▸ **Data for review**

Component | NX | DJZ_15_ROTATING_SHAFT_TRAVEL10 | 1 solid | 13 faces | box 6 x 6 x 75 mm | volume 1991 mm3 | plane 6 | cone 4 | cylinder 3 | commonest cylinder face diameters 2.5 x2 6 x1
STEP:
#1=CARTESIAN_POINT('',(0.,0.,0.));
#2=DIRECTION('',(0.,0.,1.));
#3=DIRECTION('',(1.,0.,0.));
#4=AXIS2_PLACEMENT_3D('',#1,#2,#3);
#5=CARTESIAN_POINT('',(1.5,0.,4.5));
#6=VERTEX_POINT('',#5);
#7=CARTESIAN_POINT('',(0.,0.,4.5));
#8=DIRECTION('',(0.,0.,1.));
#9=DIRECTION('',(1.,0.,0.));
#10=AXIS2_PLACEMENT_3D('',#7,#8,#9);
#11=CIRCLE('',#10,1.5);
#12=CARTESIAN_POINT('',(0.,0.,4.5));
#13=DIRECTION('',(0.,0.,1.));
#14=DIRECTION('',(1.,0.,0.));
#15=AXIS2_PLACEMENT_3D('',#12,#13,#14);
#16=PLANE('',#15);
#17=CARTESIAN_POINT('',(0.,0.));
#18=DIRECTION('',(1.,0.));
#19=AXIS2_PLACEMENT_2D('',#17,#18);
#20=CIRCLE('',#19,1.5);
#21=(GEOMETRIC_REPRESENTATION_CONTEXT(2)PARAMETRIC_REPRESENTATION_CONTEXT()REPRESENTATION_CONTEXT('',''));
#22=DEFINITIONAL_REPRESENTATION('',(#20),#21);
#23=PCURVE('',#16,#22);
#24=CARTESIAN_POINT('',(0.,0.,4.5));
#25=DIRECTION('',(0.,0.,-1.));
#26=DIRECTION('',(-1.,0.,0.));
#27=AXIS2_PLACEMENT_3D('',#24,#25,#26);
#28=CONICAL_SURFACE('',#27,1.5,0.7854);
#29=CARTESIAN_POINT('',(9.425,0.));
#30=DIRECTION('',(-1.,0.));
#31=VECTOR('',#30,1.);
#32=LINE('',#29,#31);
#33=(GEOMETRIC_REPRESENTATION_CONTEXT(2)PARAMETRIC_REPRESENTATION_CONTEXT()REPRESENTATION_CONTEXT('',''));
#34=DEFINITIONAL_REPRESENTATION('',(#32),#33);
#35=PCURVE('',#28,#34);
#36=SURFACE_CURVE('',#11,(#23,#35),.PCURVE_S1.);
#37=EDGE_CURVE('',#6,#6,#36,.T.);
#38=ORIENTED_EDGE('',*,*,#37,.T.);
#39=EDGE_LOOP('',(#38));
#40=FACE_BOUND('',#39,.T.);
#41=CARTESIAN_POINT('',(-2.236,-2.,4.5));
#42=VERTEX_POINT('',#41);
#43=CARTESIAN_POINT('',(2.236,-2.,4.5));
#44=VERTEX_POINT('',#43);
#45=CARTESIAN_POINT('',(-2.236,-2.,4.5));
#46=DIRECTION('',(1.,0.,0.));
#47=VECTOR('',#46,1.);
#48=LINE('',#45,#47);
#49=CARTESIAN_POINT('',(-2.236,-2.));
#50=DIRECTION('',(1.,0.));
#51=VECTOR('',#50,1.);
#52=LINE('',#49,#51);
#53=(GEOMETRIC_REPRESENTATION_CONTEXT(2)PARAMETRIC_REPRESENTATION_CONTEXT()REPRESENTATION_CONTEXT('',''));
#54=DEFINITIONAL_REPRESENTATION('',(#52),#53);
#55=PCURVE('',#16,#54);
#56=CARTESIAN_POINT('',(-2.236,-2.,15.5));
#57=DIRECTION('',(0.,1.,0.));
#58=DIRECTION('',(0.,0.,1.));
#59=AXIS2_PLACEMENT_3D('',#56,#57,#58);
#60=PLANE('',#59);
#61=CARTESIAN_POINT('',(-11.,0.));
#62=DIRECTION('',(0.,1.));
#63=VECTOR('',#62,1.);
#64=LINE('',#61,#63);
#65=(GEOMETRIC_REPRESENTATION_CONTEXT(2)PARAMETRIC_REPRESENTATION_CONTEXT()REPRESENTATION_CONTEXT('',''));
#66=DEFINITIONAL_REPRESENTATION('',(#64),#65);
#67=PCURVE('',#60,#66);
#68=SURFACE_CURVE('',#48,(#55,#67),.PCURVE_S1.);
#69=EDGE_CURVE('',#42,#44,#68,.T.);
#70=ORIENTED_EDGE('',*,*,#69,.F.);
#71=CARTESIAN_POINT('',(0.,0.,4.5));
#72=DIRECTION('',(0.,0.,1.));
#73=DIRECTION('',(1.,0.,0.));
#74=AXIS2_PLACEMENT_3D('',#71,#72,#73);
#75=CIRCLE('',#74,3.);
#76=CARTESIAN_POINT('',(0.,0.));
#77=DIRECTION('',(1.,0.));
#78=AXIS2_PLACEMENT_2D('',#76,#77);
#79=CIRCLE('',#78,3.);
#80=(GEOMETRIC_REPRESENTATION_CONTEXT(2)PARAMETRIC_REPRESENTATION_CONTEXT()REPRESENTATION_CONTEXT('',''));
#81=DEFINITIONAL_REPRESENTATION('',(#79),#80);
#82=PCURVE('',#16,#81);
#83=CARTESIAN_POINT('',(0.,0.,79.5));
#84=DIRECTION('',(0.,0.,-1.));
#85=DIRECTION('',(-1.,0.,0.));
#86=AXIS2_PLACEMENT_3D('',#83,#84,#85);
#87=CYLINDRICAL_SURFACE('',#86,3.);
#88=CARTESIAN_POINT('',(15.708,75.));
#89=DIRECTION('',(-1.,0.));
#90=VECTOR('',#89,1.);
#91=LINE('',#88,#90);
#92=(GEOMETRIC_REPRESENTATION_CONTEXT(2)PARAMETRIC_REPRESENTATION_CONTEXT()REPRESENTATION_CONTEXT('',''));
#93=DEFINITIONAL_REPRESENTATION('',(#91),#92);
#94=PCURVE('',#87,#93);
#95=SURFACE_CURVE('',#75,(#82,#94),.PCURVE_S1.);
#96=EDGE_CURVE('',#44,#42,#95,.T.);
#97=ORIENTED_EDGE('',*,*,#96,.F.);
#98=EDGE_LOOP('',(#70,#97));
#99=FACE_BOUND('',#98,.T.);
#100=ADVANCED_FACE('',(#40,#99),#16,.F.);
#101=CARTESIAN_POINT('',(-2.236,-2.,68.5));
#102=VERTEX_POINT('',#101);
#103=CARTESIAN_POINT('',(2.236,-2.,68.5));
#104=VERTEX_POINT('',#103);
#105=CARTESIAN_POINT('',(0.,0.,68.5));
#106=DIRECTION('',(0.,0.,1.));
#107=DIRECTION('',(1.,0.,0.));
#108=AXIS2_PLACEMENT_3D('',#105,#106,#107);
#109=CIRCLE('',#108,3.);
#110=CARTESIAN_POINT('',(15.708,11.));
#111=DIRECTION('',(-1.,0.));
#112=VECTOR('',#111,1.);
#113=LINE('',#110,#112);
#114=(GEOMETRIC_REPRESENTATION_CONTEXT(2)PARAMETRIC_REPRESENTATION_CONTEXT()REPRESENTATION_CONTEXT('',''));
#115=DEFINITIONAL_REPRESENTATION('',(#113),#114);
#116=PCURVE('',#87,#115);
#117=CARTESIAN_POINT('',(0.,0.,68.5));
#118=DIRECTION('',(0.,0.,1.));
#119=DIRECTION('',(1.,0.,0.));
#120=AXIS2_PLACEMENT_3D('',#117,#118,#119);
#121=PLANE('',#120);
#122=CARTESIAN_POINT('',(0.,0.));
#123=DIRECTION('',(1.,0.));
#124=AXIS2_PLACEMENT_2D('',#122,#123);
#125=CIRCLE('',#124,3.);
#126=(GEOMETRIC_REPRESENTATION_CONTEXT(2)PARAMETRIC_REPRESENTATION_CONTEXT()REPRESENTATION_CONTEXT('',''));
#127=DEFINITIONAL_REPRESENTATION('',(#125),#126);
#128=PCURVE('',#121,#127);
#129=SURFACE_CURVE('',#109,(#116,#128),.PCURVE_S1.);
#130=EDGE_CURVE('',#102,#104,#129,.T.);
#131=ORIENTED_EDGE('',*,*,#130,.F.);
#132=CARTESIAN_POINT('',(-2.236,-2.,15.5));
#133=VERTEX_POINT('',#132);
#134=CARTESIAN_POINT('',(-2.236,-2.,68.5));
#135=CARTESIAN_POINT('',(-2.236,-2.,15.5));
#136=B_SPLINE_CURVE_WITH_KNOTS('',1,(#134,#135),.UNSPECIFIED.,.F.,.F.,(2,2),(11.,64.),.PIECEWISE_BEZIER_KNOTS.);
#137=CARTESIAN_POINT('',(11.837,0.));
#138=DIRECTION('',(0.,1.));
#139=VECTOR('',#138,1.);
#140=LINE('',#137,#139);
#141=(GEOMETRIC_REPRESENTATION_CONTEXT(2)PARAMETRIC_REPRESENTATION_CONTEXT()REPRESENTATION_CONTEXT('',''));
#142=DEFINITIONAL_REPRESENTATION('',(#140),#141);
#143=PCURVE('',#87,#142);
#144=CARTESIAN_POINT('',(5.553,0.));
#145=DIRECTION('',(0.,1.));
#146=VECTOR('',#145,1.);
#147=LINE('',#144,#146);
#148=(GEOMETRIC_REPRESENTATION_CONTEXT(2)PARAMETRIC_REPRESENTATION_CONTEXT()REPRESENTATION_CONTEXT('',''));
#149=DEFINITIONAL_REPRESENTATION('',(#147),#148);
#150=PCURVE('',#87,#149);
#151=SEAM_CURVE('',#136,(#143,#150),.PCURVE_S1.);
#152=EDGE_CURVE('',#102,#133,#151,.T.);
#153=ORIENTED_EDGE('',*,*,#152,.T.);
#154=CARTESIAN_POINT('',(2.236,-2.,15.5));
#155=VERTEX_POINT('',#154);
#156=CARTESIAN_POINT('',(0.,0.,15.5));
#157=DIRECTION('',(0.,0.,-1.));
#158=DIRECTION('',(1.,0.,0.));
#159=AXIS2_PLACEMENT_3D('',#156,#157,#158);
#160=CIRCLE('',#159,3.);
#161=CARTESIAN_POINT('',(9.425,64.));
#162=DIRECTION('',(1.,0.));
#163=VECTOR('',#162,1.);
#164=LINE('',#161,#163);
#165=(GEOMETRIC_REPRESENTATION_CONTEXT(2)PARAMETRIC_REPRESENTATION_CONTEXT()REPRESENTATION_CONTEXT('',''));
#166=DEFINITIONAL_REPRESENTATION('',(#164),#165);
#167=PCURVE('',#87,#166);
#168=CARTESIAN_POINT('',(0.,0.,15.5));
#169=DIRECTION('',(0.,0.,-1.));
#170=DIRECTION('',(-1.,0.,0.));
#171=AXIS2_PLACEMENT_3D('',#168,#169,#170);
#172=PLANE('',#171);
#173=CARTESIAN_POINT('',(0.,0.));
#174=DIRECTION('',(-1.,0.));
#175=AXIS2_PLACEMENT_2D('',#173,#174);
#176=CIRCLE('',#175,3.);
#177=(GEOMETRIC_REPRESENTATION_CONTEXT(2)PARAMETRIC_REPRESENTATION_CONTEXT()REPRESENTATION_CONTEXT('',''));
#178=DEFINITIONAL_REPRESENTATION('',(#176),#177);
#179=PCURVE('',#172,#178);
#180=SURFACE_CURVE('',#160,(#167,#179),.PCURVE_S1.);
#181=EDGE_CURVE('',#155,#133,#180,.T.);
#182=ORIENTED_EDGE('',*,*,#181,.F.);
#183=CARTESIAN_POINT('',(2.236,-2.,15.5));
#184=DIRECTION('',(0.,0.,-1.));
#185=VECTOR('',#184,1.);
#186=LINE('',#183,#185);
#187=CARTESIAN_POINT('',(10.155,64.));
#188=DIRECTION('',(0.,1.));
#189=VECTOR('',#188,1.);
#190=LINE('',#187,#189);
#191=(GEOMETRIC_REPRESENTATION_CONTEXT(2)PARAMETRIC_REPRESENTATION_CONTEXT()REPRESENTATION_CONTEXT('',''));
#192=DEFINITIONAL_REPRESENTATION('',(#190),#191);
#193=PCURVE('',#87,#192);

▸ **Work to complete**
Print exactly the lines above, between the one holding "#64=LINE('',#61,#63);" and the one holding "#70=ORIENTED_EDGE('',*,*,#69,.F.);", inclusive, and nothing besides.

▸ **Reply to the exercise**
#64=LINE('',#61,#63);
#65=(GEOMETRIC_REPRESENTATION_CONTEXT(2)PARAMETRIC_REPRESENTATION_CONTEXT()REPRESENTATION_CONTEXT('',''));
#66=DEFINITIONAL_REPRESENTATION('',(#64),#65);
#67=PCURVE('',#60,#66);
#68=SURFACE_CURVE('',#48,(#55,#67),.PCURVE_S1.);
#69=EDGE_CURVE('',#42,#44,#68,.T.);
#70=ORIENTED_EDGE('',*,*,#69,.F.);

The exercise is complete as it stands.